Supplied information>

====

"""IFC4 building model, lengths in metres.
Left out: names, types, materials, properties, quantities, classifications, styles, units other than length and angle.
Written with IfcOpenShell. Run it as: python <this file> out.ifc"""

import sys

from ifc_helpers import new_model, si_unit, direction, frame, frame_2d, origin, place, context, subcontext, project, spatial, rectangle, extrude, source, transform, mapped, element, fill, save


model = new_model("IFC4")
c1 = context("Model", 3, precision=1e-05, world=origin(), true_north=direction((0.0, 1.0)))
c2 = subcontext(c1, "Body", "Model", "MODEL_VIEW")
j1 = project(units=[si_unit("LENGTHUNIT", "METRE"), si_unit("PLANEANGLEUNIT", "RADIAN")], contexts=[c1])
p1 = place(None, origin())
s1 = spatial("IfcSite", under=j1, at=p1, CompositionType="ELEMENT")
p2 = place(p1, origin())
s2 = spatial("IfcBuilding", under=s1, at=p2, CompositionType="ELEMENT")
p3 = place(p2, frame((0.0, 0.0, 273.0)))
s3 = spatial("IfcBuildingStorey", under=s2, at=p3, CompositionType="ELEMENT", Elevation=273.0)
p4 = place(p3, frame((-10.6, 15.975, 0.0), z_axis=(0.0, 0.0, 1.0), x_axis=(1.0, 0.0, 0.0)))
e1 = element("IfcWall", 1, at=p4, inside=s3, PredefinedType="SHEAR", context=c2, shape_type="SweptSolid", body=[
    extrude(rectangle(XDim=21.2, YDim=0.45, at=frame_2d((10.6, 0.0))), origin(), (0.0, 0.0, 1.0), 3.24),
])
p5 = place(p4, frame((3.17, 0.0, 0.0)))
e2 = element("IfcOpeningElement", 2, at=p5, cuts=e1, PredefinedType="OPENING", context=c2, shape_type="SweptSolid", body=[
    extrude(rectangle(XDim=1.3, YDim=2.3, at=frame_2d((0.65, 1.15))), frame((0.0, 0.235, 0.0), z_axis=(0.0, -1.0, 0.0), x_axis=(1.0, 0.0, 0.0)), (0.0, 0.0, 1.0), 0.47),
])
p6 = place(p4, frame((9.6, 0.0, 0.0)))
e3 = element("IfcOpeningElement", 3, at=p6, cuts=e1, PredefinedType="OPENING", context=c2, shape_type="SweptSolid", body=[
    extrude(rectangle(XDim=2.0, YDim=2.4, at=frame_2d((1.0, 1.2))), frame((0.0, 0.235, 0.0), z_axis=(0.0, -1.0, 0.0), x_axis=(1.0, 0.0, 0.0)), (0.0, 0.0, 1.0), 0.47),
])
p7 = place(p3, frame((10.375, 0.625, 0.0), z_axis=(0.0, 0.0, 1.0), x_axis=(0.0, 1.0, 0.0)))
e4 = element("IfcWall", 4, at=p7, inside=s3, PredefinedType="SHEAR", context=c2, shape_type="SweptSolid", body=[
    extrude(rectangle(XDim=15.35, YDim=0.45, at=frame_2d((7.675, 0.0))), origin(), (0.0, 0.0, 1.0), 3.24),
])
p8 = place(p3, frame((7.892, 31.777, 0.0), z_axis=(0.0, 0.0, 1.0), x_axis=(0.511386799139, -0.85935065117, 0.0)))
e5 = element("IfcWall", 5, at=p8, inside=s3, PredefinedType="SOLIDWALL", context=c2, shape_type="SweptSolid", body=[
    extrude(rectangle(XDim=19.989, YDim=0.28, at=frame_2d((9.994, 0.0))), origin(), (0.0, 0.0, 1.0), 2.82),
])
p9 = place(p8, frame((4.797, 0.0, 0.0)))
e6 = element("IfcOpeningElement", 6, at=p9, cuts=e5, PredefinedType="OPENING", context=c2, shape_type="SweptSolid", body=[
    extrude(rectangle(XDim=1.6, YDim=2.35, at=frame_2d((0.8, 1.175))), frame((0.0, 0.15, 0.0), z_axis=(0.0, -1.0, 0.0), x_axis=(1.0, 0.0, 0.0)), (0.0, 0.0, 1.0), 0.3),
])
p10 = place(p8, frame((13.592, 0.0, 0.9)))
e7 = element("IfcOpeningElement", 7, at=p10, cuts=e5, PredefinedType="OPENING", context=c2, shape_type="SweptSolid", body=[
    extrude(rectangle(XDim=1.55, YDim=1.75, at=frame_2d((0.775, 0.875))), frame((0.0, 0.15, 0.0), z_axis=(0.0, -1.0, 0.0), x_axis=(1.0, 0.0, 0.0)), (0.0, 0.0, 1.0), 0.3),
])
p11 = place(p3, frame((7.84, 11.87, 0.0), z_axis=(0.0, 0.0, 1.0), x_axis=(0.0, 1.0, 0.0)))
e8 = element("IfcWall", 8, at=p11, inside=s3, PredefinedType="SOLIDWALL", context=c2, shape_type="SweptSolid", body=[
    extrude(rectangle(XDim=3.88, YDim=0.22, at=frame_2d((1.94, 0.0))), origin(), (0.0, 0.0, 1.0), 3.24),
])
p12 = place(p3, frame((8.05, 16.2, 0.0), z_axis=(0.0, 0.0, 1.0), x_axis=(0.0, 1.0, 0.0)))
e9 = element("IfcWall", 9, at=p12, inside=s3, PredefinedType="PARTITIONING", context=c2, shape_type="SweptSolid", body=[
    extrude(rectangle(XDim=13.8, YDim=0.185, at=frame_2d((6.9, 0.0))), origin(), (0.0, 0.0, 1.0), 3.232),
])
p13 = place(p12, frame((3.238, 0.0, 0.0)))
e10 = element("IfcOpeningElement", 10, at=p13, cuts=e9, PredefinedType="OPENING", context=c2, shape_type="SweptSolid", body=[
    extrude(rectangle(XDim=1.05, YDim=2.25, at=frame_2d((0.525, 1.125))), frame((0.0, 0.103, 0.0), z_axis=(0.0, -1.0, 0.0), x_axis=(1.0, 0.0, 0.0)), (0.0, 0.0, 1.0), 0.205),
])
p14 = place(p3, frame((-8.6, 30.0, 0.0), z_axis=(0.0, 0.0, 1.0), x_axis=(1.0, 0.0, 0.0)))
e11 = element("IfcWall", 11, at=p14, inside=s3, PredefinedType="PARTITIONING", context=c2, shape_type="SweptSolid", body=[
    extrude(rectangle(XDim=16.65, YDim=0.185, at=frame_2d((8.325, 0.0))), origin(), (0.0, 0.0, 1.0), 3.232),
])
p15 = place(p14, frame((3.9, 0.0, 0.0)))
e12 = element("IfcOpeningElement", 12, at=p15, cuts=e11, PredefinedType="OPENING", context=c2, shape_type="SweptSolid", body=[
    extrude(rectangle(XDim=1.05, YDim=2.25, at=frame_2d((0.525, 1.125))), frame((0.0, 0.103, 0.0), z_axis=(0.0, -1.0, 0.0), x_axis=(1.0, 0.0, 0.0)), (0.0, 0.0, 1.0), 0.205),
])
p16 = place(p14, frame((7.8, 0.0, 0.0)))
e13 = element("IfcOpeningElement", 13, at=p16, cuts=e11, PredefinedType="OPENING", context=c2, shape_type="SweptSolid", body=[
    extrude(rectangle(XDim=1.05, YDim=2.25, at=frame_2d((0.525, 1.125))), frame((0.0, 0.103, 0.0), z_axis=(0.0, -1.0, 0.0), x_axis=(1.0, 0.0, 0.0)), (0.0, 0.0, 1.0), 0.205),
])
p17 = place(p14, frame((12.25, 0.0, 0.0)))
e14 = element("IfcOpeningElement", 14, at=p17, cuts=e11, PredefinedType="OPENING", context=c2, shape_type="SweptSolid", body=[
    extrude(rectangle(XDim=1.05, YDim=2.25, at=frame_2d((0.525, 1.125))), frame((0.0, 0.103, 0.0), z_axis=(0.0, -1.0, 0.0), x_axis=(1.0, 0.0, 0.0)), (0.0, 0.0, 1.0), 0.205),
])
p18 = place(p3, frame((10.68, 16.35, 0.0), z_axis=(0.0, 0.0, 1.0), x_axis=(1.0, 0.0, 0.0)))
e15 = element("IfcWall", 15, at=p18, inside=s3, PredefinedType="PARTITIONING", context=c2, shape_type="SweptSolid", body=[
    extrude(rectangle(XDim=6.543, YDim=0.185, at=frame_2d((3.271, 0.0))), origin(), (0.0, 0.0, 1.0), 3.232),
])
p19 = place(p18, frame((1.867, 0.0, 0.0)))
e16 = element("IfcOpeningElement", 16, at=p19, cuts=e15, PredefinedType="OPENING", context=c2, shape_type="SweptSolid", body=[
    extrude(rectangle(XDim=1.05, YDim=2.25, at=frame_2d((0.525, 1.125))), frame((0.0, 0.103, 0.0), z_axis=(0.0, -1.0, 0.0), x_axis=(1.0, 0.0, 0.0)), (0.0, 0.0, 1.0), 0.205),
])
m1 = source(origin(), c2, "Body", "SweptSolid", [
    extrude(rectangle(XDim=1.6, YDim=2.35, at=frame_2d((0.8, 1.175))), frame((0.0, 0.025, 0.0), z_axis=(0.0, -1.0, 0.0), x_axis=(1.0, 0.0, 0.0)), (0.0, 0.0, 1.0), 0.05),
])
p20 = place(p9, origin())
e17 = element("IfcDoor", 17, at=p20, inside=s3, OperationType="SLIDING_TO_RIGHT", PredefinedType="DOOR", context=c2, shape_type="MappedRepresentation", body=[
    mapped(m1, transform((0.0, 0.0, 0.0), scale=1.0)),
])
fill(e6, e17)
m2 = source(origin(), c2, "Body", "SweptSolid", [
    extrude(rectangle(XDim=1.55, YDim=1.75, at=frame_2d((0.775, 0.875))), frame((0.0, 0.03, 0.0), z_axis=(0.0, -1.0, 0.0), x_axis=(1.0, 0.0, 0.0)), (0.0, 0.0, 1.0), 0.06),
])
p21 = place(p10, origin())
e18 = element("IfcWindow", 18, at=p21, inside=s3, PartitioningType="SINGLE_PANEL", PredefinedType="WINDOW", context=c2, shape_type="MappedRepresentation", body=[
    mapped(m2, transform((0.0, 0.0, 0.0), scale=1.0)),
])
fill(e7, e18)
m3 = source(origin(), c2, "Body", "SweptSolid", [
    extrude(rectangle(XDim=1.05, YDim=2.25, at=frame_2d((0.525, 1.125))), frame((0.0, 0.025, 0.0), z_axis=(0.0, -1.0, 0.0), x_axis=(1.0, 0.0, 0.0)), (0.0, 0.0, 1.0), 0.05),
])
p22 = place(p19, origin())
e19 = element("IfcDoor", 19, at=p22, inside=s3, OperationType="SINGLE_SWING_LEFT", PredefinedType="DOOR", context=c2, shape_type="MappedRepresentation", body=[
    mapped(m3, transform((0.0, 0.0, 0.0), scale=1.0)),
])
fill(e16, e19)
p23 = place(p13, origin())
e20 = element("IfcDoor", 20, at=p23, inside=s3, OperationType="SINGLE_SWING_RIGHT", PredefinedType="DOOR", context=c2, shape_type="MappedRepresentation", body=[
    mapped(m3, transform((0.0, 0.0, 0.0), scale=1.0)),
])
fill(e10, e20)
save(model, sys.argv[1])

====

Directions> Restate exactly the records above from their first line through the line that holds "p5 = place(p4, frame((3.17, 0.0, 0.0)))", please, including both and leaving out all others.

Answer>
"""IFC4 building model, lengths in metres.
Left out: names, types, materials, properties, quantities, classifications, styles, units other than length and angle.
Written with IfcOpenShell. Run it as: python <this file> out.ifc"""

import sys

from ifc_helpers import new_model, si_unit, direction, frame, frame_2d, origin, place, context, subcontext, project, spatial, rectangle, extrude, source, transform, mapped, element, fill, save


model = new_model("IFC4")
c1 = context("Model", 3, precision=1e-05, world=origin(), true_north=direction((0.0, 1.0)))
c2 = subcontext(c1, "Body", "Model", "MODEL_VIEW")
j1 = project(units=[si_unit("LENGTHUNIT", "METRE"), si_unit("PLANEANGLEUNIT", "RADIAN")], contexts=[c1])
p1 = place(None, origin())
s1 = spatial("IfcSite", under=j1, at=p1, CompositionType="ELEMENT")
p2 = place(p1, origin())
s2 = spatial("IfcBuilding", under=s1, at=p2, CompositionType="ELEMENT")
p3 = place(p2, frame((0.0, 0.0, 273.0)))
s3 = spatial("IfcBuildingStorey", under=s2, at=p3, CompositionType="ELEMENT", Elevation=273.0)
p4 = place(p3, frame((-10.6, 15.975, 0.0), z_axis=(0.0, 0.0, 1.0), x_axis=(1.0, 0.0, 0.0)))
e1 = element("IfcWall", 1, at=p4, inside=s3, PredefinedType="SHEAR", context=c2, shape_type="SweptSolid", body=[
    extrude(rectangle(XDim=21.2, YDim=0.45, at=frame_2d((10.6, 0.0))), origin(), (0.0, 0.0, 1.0), 3.24),
])
p5 = place(p4, frame((3.17, 0.0, 0.0)))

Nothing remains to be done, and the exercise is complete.